• _TASK INSTRUCTIONS_
From the entries, copy every line that carries the string "CompositionType".

= Beginning of Section =

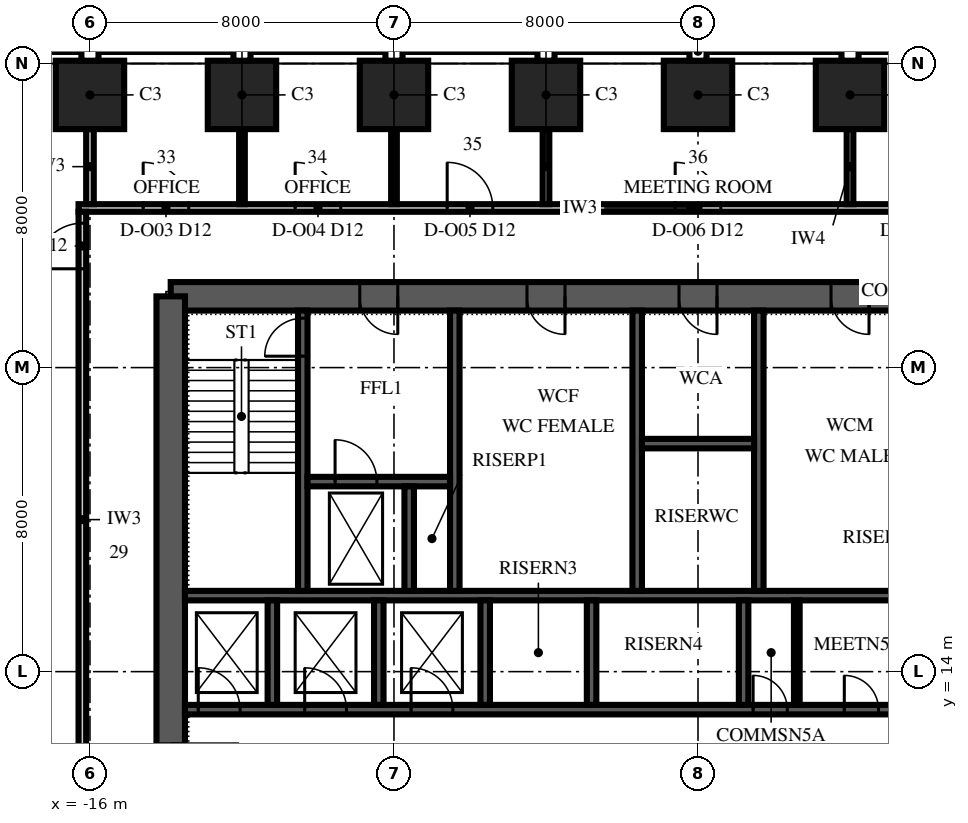
"""IFC4 building model, lengths in metres.
Left out: names, types, materials, properties, quantities, classifications, styles, units other than length and angle.
Written with IfcOpenShell. Run it as: python <this file> out.ifc"""

import sys

from ifc_helpers import new_model, si_unit, direction, frame, frame_2d, origin, origin_2d, place, context, subcontext, project, spatial, polyline, rectangle, outline, extrude, element, fill, save


model = new_model("IFC4")
c1 = context("Model", 3, precision=1e-05, world=origin(), true_north=direction((0.0, 1.0)))
c2 = subcontext(c1, "Body", "Model", "MODEL_VIEW")
j1 = project(units=[si_unit("LENGTHUNIT", "METRE"), si_unit("PLANEANGLEUNIT", "RADIAN")], contexts=[c1])
p1 = place(None, origin())
s1 = spatial("IfcSite", under=j1, at=p1, CompositionType="ELEMENT")
p2 = place(p1, origin())
s2 = spatial("IfcBuilding", under=s1, at=p2, CompositionType="ELEMENT")
p3 = place(p2, frame((0.0, 0.0, 127.0)))
s3 = spatial("IfcBuildingStorey", under=s2, at=p3, CompositionType="ELEMENT", Elevation=127.0)
for number, where, z_axis, x_axis in (
    (1, (4.0, 29.175, 0.0), (0.0, 0.0, 1.0), (-1.0, 0.0, 0.0)),
    (2, (0.0, 29.175, 0.0), (0.0, 0.0, 1.0), (-1.0, 0.0, 0.0)),
    (3, (-4.0, 29.175, 0.0), (0.0, 0.0, 1.0), (-1.0, 0.0, 0.0)),
    (4, (-8.0, 29.175, 0.0), (0.0, 0.0, 1.0), (-1.0, 0.0, 0.0)),
    (5, (-12.0, 29.175, 0.0), (0.0, 0.0, 1.0), (-1.0, 0.0, 0.0)),
    (6, (-16.0, 29.175, 0.0), (0.0, 0.0, 1.0), (-1.0, 0.0, 0.0)),
):
    element("IfcColumn", number, at=place(p3, frame(where, z_axis=z_axis, x_axis=x_axis)), inside=s3, PredefinedType="COLUMN", context=c2, shape_type="SweptSolid", body=[
        extrude(rectangle(XDim=1.8, YDim=1.8, at=origin_2d()), origin(), (0.0, 0.0, 1.0), 4.0),
    ])
p4 = place(p3, frame((13.875, 23.875, 0.0), z_axis=(0.0, 0.0, 1.0), x_axis=(-1.0, 0.0, 0.0)))
e7 = element("IfcWall", 7, at=p4, inside=s3, PredefinedType="SHEAR", context=c2, shape_type="SweptSolid", body=[
    extrude(rectangle(XDim=27.75, YDim=0.75, at=frame_2d((13.875, 0.0))), origin(), (0.0, 0.0, 1.0), 4.0),
])
p5 = place(p4, frame((21.775, 0.0, 0.0)))
e8 = element("IfcOpeningElement", 8, at=p5, cuts=e7, PredefinedType="OPENING", context=c2, shape_type="SweptSolid", body=[
    extrude(rectangle(XDim=1.0, YDim=2.1, at=frame_2d((0.5, 1.05))), frame((0.0, 0.39, 0.0), z_axis=(0.0, -1.0, 0.0), x_axis=(1.0, 0.0, 0.0)), (0.0, 0.0, 1.0), 0.78),
])
p6 = place(p4, frame((4.975, 0.0, 0.0)))
e9 = element("IfcOpeningElement", 9, at=p6, cuts=e7, PredefinedType="OPENING", context=c2, shape_type="SweptSolid", body=[
    extrude(rectangle(XDim=1.0, YDim=2.1, at=frame_2d((0.5, 1.05))), frame((0.0, 0.39, 0.0), z_axis=(0.0, -1.0, 0.0), x_axis=(1.0, 0.0, 0.0)), (0.0, 0.0, 1.0), 0.78),
])
p7 = place(p4, frame((17.375, 0.0, 0.0)))
e10 = element("IfcOpeningElement", 10, at=p7, cuts=e7, PredefinedType="OPENING", context=c2, shape_type="SweptSolid", body=[
    extrude(rectangle(XDim=1.0, YDim=2.1, at=frame_2d((0.5, 1.05))), frame((0.0, 0.39, 0.0), z_axis=(0.0, -1.0, 0.0), x_axis=(1.0, 0.0, 0.0)), (0.0, 0.0, 1.0), 0.78),
])
p8 = place(p4, frame((13.375, 0.0, 0.0)))
e11 = element("IfcOpeningElement", 11, at=p8, cuts=e7, PredefinedType="OPENING", context=c2, shape_type="SweptSolid", body=[
    extrude(rectangle(XDim=1.0, YDim=2.1, at=frame_2d((0.5, 1.05))), frame((0.0, 0.39, 0.0), z_axis=(0.0, -1.0, 0.0), x_axis=(1.0, 0.0, 0.0)), (0.0, 0.0, 1.0), 0.78),
])
p9 = place(p4, frame((9.375, 0.0, 0.0)))
e12 = element("IfcOpeningElement", 12, at=p9, cuts=e7, PredefinedType="OPENING", context=c2, shape_type="SweptSolid", body=[
    extrude(rectangle(XDim=1.0, YDim=2.1, at=frame_2d((0.5, 1.05))), frame((0.0, 0.39, 0.0), z_axis=(0.0, -1.0, 0.0), x_axis=(1.0, 0.0, 0.0)), (0.0, 0.0, 1.0), 0.78),
])
p10 = place(p3, frame((-13.875, 23.875, 0.0), z_axis=(0.0, 0.0, 1.0), x_axis=(0.0, -1.0, 0.0)))
e13 = element("IfcWall", 13, at=p10, inside=s3, PredefinedType="SHEAR", context=c2, shape_type="SweptSolid", body=[
    extrude(outline(polyline([(0.0, -0.375), (17.75, -0.375), (17.75, 0.0), (17.375, 0.0), (17.375, 0.375), (0.375, 0.375), (0.375, 0.0), (0.0, 0.0), (0.0, -0.375)])), origin(), (0.0, 0.0, 1.0), 4.0),
])
p11 = place(p10, frame((11.775, 0.0, 0.0)))
e14 = element("IfcOpeningElement", 14, at=p11, cuts=e13, PredefinedType="OPENING", context=c2, shape_type="SweptSolid", body=[
    extrude(rectangle(XDim=1.8, YDim=2.4, at=frame_2d((0.9, 1.2))), frame((0.0, 0.39, 0.0), z_axis=(0.0, -1.0, 0.0), x_axis=(1.0, 0.0, 0.0)), (0.0, 0.0, 1.0), 0.78),
])
p12 = place(p3, frame((-13.5, 13.0, 0.0), z_axis=(0.0, 0.0, 1.0), x_axis=(1.0, 0.0, 0.0)))
e15 = element("IfcWall", 15, at=p12, inside=s3, PredefinedType="SHEAR", context=c2, shape_type="SweptSolid", body=[
    extrude(rectangle(XDim=27.0, YDim=0.25, at=frame_2d((13.5, 0.0))), origin(), (0.0, 0.0, 1.0), 4.0),
])
p13 = place(p12, frame((0.35, 0.0, 0.0)))
e16 = element("IfcOpeningElement", 16, at=p13, cuts=e15, PredefinedType="OPENING", context=c2, shape_type="SweptSolid", body=[
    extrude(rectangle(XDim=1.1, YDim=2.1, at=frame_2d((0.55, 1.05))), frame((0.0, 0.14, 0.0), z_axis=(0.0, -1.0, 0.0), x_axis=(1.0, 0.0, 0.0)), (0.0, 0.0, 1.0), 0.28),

= End of Section =

• _RESULT FOR THIS EXERCISE_
s1 = spatial("IfcSite", under=j1, at=p1, CompositionType="ELEMENT")
s2 = spatial("IfcBuilding", under=s1, at=p2, CompositionType="ELEMENT")
s3 = spatial("IfcBuildingStorey", under=s2, at=p3, CompositionType="ELEMENT", Elevation=127.0)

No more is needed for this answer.